[PROBLEM TO SOLVE]: Look through the entries that follow and count the lines with the word "source". The reply is that number alone.

= = = =

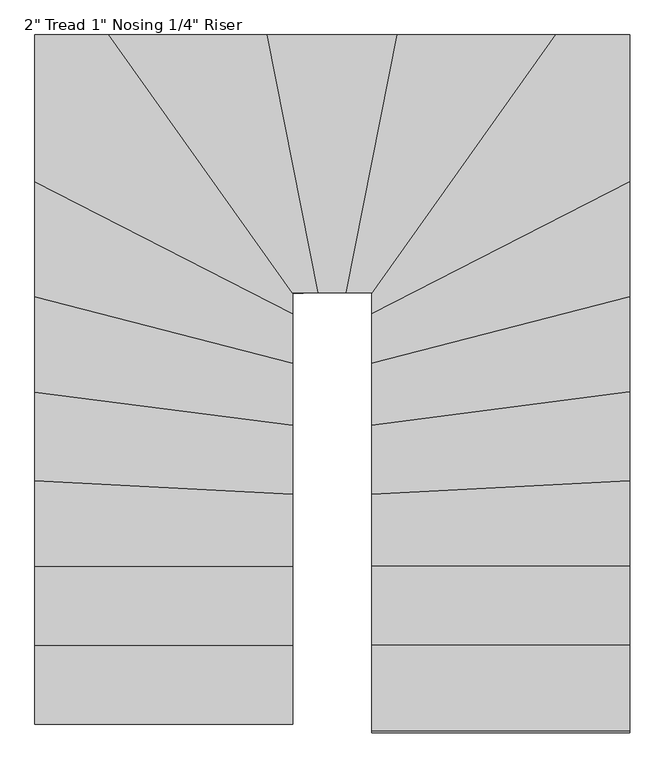
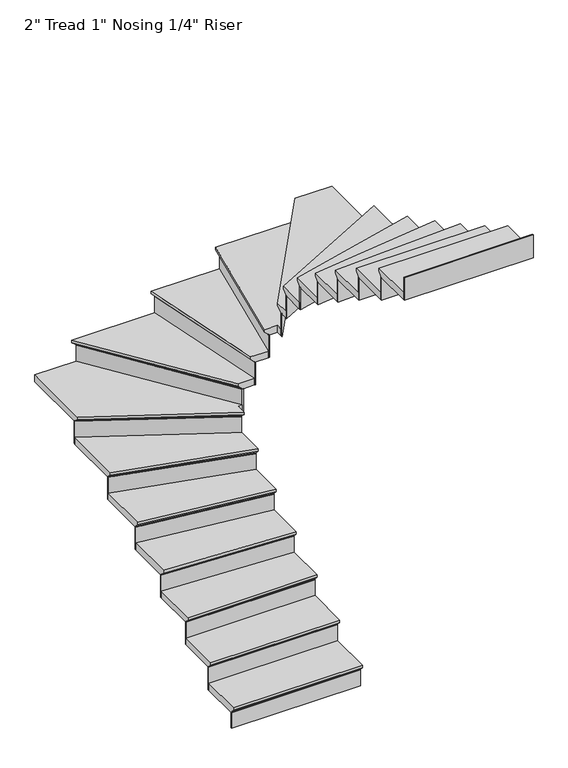
"""IFC4 building model written with IfcOpenShell, lengths in millimetres: stair flight geometry."""

from ifc_helpers import new_model, si_unit, origin, place, context, project, spatial, faceted_brep, source, transform, mapped, element, save


def stair_flight_f188e120(model_context):
    return source(origin(), model_context, "Body", "Brep", [
        faceted_brep([(-12033.8589543, -3829.6838739, 150.2833333), (-12033.8589543, -3829.6838739, 169.3333333), (-12948.2589543, -3829.6838739, 169.3333333), (-12948.2589543, -3829.6838739, 150.2833333), (-12033.8589543, -3804.2838739, 124.8833333), (-12948.2589543, -3804.2838739, 124.8833333), (-12033.8589543, -3524.8838739, 169.3333333), (-12948.2589543, -3524.8838739, 169.3333333), (-12948.2589543, -3804.2838739, 118.5333333), (-12948.2589543, -3524.8838739, 118.5333333), (-12033.8589543, -3524.8838739, 118.5333333), (-12033.8589543, -3804.2838739, 118.5333333)], [[[0, 1, 2, 3]], [[4, 0, 3, 5]], [[2, 1, 6, 7]], [[8, 9, 10, 11]], [[2, 7, 9, 8, 5, 3]], [[8, 11, 4, 5]], [[6, 1, 0, 4, 11, 10]], [[7, 6, 10, 9]]]),
        faceted_brep([(-12033.8589543, -3804.2838739, 118.5333333), (-12033.8589543, -3804.2838739, 0.0), (-12033.8589543, -3797.9338739, 0.0), (-12033.8589543, -3797.9338739, 118.5333333), (-12948.2589543, -3804.2838739, 118.5333333), (-12948.2589543, -3797.9338739, 118.5333333), (-12948.2589543, -3797.9338739, 0.0), (-12948.2589543, -3804.2838739, 0.0)], [[[0, 1, 2, 3]], [[4, 5, 6, 7]], [[1, 0, 4, 7]], [[2, 1, 7, 6]], [[3, 2, 6, 5]], [[0, 3, 5, 4]]]),
        faceted_brep([(-12033.8589543, -3524.8838739, 287.8666667), (-12033.8589543, -3524.8838739, 118.5333333), (-12033.8589543, -3518.5338739, 118.5333333), (-12033.8589543, -3518.5338739, 287.8666667), (-12948.2589543, -3524.8838739, 287.8666667), (-12948.2589543, -3518.5338739, 287.8666667), (-12948.2589543, -3518.5338739, 118.5333333), (-12948.2589543, -3524.8838739, 118.5333333)], [[[0, 1, 2, 3]], [[4, 5, 6, 7]], [[1, 0, 4, 7]], [[2, 1, 7, 6]], [[3, 2, 6, 5]], [[0, 3, 5, 4]]]),
        faceted_brep([(-12948.2589543, -3550.2838739, 338.6666667), (-12033.8589543, -3550.2838739, 338.6666667), (-12033.8589543, -3245.4838739, 338.6666667), (-12948.2589543, -3245.4838739, 338.6666667), (-12948.2589543, -3524.8838739, 287.8666667), (-12948.2589543, -3245.4838739, 287.8666667), (-12033.8589543, -3245.4838739, 287.8666667), (-12033.8589543, -3524.8838739, 287.8666667), (-12948.2589543, -3524.8838739, 294.2166667), (-12948.2589543, -3550.2838739, 319.6166667), (-12033.8589543, -3524.8838739, 294.2166667), (-12033.8589543, -3550.2838739, 319.6166667)], [[[0, 1, 2, 3]], [[4, 5, 6, 7]], [[0, 3, 5, 4, 8, 9]], [[4, 7, 10, 8]], [[2, 1, 11, 10, 7, 6]], [[3, 2, 6, 5]], [[11, 1, 0, 9]], [[10, 11, 9, 8]]]),
        faceted_brep([(-12033.8589543, -3245.4838739, 457.2), (-12033.8589543, -3245.4838739, 287.8666667), (-12033.8589543, -3239.1338739, 287.8666667), (-12033.8589543, -3239.1338739, 457.2), (-12948.2589543, -3245.4838739, 457.2), (-12948.2589543, -3239.1338739, 457.2), (-12948.2589543, -3239.1338739, 287.8666667), (-12948.2589543, -3245.4838739, 287.8666667)], [[[0, 1, 2, 3]], [[4, 5, 6, 7]], [[1, 0, 4, 7]], [[2, 1, 7, 6]], [[3, 2, 6, 5]], [[0, 3, 5, 4]]]),
        faceted_brep([(-12948.2589543, -3270.8838739, 508.0), (-12033.8589543, -3270.8838739, 508.0), (-12033.8589543, -2989.8167124, 508.0), (-12948.2589543, -2942.282442, 508.0), (-12948.2589543, -3245.4838739, 457.2), (-12948.2589543, -2942.282442, 457.2), (-12033.8589543, -2989.8167124, 457.2), (-12033.8589543, -3245.4838739, 457.2), (-12948.2589543, -3245.4838739, 463.55), (-12948.2589543, -3270.8838739, 488.95), (-12033.8589543, -3245.4838739, 463.55), (-12033.8589543, -3270.8838739, 488.95)], [[[0, 1, 2, 3]], [[4, 5, 6, 7]], [[0, 3, 5, 4, 8, 9]], [[4, 7, 10, 8]], [[2, 1, 11, 10, 7, 6]], [[3, 2, 6, 5]], [[11, 1, 0, 9]], [[10, 11, 9, 8]]]),
        faceted_brep([(-12033.8589543, -2989.8167124, 626.5333333), (-12033.8589543, -2989.8167124, 457.2), (-12033.8589543, -2983.4581383, 457.2), (-12033.8589543, -2983.4581383, 626.5333333), (-12948.2589543, -2942.282442, 626.5333333), (-12948.2589543, -2935.9238679, 626.5333333), (-12948.2589543, -2935.9238679, 457.2), (-12948.2589543, -2942.282442, 457.2)], [[[0, 1, 2, 3]], [[4, 5, 6, 7]], [[1, 0, 4, 7]], [[2, 1, 7, 6]], [[3, 2, 6, 5]], [[0, 3, 5, 4]]]),
        faceted_brep([(-12948.2589543, -2967.7167387, 677.3333333), (-12033.8589543, -3015.2510091, 677.3333333), (-12033.8589543, -2745.6500126, 677.3333333), (-12948.2589543, -2627.2939609, 677.3333333), (-12948.2589543, -2942.282442, 626.5333333), (-12948.2589543, -2627.2939609, 626.5333333), (-12033.8589543, -2745.6500126, 626.5333333), (-12033.8589543, -2989.8167124, 626.5333333), (-12948.2589543, -2942.282442, 632.8833333), (-12948.2589543, -2967.7167387, 658.2833333), (-12033.8589543, -2989.8167124, 632.8833333), (-12033.8589543, -3015.2510091, 658.2833333)], [[[0, 1, 2, 3]], [[4, 5, 6, 7]], [[0, 3, 5, 4, 8, 9]], [[4, 7, 10, 8]], [[2, 1, 11, 10, 7, 6]], [[3, 2, 6, 5]], [[11, 1, 0, 9]], [[10, 11, 9, 8]]]),
        faceted_brep([(-12033.8589543, -2745.6500126, 795.8666667), (-12033.8589543, -2745.6500126, 626.5333333), (-12033.8589543, -2739.2470408, 626.5333333), (-12033.8589543, -2739.2470408, 795.8666667), (-12948.2589543, -2627.2939609, 795.8666667), (-12948.2589543, -2620.8909892, 795.8666667), (-12948.2589543, -2620.8909892, 626.5333333), (-12948.2589543, -2627.2939609, 626.5333333)], [[[0, 1, 2, 3]], [[4, 5, 6, 7]], [[1, 0, 4, 7]], [[2, 1, 7, 6]], [[3, 2, 6, 5]], [[0, 3, 5, 4]]]),
        faceted_brep([(-12948.2589543, -2652.9058481, 846.6666667), (-12033.8589543, -2771.2618997, 846.6666667), (-12033.8589543, -2524.0227901, 846.6666667), (-12948.2589543, -2288.8923427, 846.6666667), (-12948.2589543, -2627.2939609, 795.8666667), (-12948.2589543, -2288.8923427, 795.8666667), (-12033.8589543, -2524.0227901, 795.8666667), (-12033.8589543, -2745.6500126, 795.8666667), (-12948.2589543, -2627.2939609, 802.2166667), (-12948.2589543, -2652.9058481, 827.6166667), (-12033.8589543, -2745.6500126, 802.2166667), (-12033.8589543, -2771.2618997, 827.6166667)], [[[0, 1, 2, 3]], [[4, 5, 6, 7]], [[0, 3, 5, 4, 8, 9]], [[4, 7, 10, 8]], [[2, 1, 11, 10, 7, 6]], [[3, 2, 6, 5]], [[11, 1, 0, 9]], [[10, 11, 9, 8]]]),
        faceted_brep([(-12033.8589543, -2524.0227901, 965.2), (-12033.8589543, -2524.0227901, 795.8666667), (-12033.8589543, -2517.4662133, 795.8666667), (-12033.8589543, -2517.4662133, 965.2), (-12948.2589543, -2288.8923427, 965.2), (-12948.2589543, -2282.3357659, 965.2), (-12948.2589543, -2282.3357659, 795.8666667), (-12948.2589543, -2288.8923427, 795.8666667)], [[[0, 1, 2, 3]], [[4, 5, 6, 7]], [[1, 0, 4, 7]], [[2, 1, 7, 6]], [[3, 2, 6, 5]], [[0, 3, 5, 4]]]),
        faceted_brep([(-12948.2589543, -2315.1186502, 1016.0), (-12033.8589543, -2550.2490976, 1016.0), (-12033.8589543, -2347.676154, 1016.0), (-12948.2589543, -1878.8515327, 1016.0), (-12948.2589543, -2288.8923427, 965.2), (-12948.2589543, -1878.8515327, 965.2), (-12033.8589543, -2347.676154, 965.2), (-12033.8589543, -2524.0227901, 965.2), (-12948.2589543, -2288.8923427, 971.55), (-12948.2589543, -2315.1186502, 996.95), (-12033.8589543, -2524.0227901, 971.55), (-12033.8589543, -2550.2490976, 996.95)], [[[0, 1, 2, 3]], [[4, 5, 6, 7]], [[0, 3, 5, 4, 8, 9]], [[4, 7, 10, 8]], [[2, 1, 11, 10, 7, 6]], [[3, 2, 6, 5]], [[11, 1, 0, 9]], [[10, 11, 9, 8]]]),
        faceted_brep([(-12033.8589543, -2347.676154, 1134.5333333), (-12033.8589543, -2347.676154, 965.2), (-12033.8589543, -2340.5401709, 965.2), (-12033.8589543, -2340.5401709, 1134.5333333), (-12948.2589543, -1878.8515327, 1134.5333333), (-12948.2589543, -1871.7155496, 1134.5333333), (-12948.2589543, -1871.7155496, 965.2), (-12948.2589543, -1878.8515327, 965.2)], [[[0, 1, 2, 3]], [[4, 5, 6, 7]], [[1, 0, 4, 7]], [[2, 1, 7, 6]], [[3, 2, 6, 5]], [[0, 3, 5, 4]]]),
        faceted_brep([(-12654.5778206, -1387.552182, 1185.3333333), (-12948.2589543, -1387.552182, 1185.3333333), (-12948.2589543, -1907.3954652, 1185.3333333), (-12033.8589543, -2376.2200866, 1185.3333333), (-12033.8589543, -2301.952182, 1185.3333333), (-12004.3038714, -2301.952182, 1185.3333333), (-12948.2589543, -1387.552182, 1134.5333333), (-12654.5778206, -1387.552182, 1134.5333333), (-12004.3038714, -2301.952182, 1134.5333333), (-12033.8589543, -2301.952182, 1134.5333333), (-12033.8589543, -2347.676154, 1134.5333333), (-12948.2589543, -1878.8515327, 1134.5333333), (-12948.2589543, -1878.8515327, 1140.8833333), (-12948.2589543, -1907.3954652, 1166.2833333), (-12033.8589543, -2347.676154, 1140.8833333), (-12033.8589543, -2376.2200866, 1166.2833333)], [[[0, 1, 2, 3, 4, 5]], [[6, 7, 8, 9, 10, 11]], [[1, 0, 7, 6]], [[2, 1, 6, 11, 12, 13]], [[11, 10, 14, 12]], [[4, 3, 15, 14, 10, 9]], [[5, 4, 9, 8]], [[0, 5, 8, 7]], [[15, 3, 2, 13]], [[14, 15, 13, 12]]]),
        faceted_brep([(-12004.3038714, -2301.952182, 1303.8666667), (-12004.3038714, -2301.952182, 1134.5333333), (-11996.5118966, -2301.952182, 1134.5333333), (-11996.5118966, -2301.952182, 1303.8666667), (-12654.5778206, -1387.552182, 1303.8666667), (-12646.7858458, -1387.552182, 1303.8666667), (-12646.7858458, -1387.552182, 1134.5333333), (-12654.5778206, -1387.552182, 1134.5333333)], [[[0, 1, 2, 3]], [[4, 5, 6, 7]], [[1, 0, 4, 7]], [[2, 1, 7, 6]], [[3, 2, 6, 5]], [[0, 3, 5, 4]]]),
        faceted_brep([(-12685.7457197, -1387.552182, 1354.6666667), (-12035.4717706, -2301.952182, 1354.6666667), (-11917.8497843, -2301.952182, 1354.6666667), (-12098.0906407, -1387.552182, 1354.6666667), (-12654.5778206, -1387.552182, 1303.8666667), (-12098.0906407, -1387.552182, 1303.8666667), (-11917.8497843, -2301.952182, 1303.8666667), (-12004.3038714, -2301.952182, 1303.8666667), (-12654.5778206, -1387.552182, 1310.2166667), (-12685.7457197, -1387.552182, 1335.6166667), (-12004.3038714, -2301.952182, 1310.2166667), (-12035.4717706, -2301.952182, 1335.6166667)], [[[0, 1, 2, 3]], [[4, 5, 6, 7]], [[0, 3, 5, 4, 8, 9]], [[4, 7, 10, 8]], [[2, 1, 11, 10, 7, 6]], [[3, 2, 6, 5]], [[11, 1, 0, 9]], [[10, 11, 9, 8]]]),
        faceted_brep([(-11917.8497843, -2301.952182, 1473.2), (-11917.8497843, -2301.952182, 1303.8666667), (-11911.3775989, -2301.952182, 1303.8666667), (-11911.3775989, -2301.952182, 1473.2), (-12098.0906407, -1387.552182, 1473.2), (-12091.6184552, -1387.552182, 1473.2), (-12091.6184552, -1387.552182, 1303.8666667), (-12098.0906407, -1387.552182, 1303.8666667)], [[[0, 1, 2, 3]], [[4, 5, 6, 7]], [[1, 0, 4, 7]], [[2, 1, 7, 6]], [[3, 2, 6, 5]], [[0, 3, 5, 4]]]),
        faceted_brep([(-12123.9793824, -1387.552182, 1524.0), (-11943.7385261, -2301.952182, 1524.0), (-11818.6906407, -2301.952182, 1524.0), (-11638.4497843, -1387.552182, 1524.0), (-12098.0906407, -1387.552182, 1473.2), (-11638.4497843, -1387.552182, 1473.2), (-11818.6906407, -2301.952182, 1473.2), (-11917.8497843, -2301.952182, 1473.2), (-12098.0906407, -1387.552182, 1479.55), (-12123.9793824, -1387.552182, 1504.95), (-11917.8497843, -2301.952182, 1479.55), (-11943.7385261, -2301.952182, 1504.95)], [[[0, 1, 2, 3]], [[4, 5, 6, 7]], [[0, 3, 5, 4, 8, 9]], [[4, 7, 10, 8]], [[2, 1, 11, 10, 7, 6]], [[3, 2, 6, 5]], [[11, 1, 0, 9]], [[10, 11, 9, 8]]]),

= = = =

[EXERCISE OUTPUT]: 2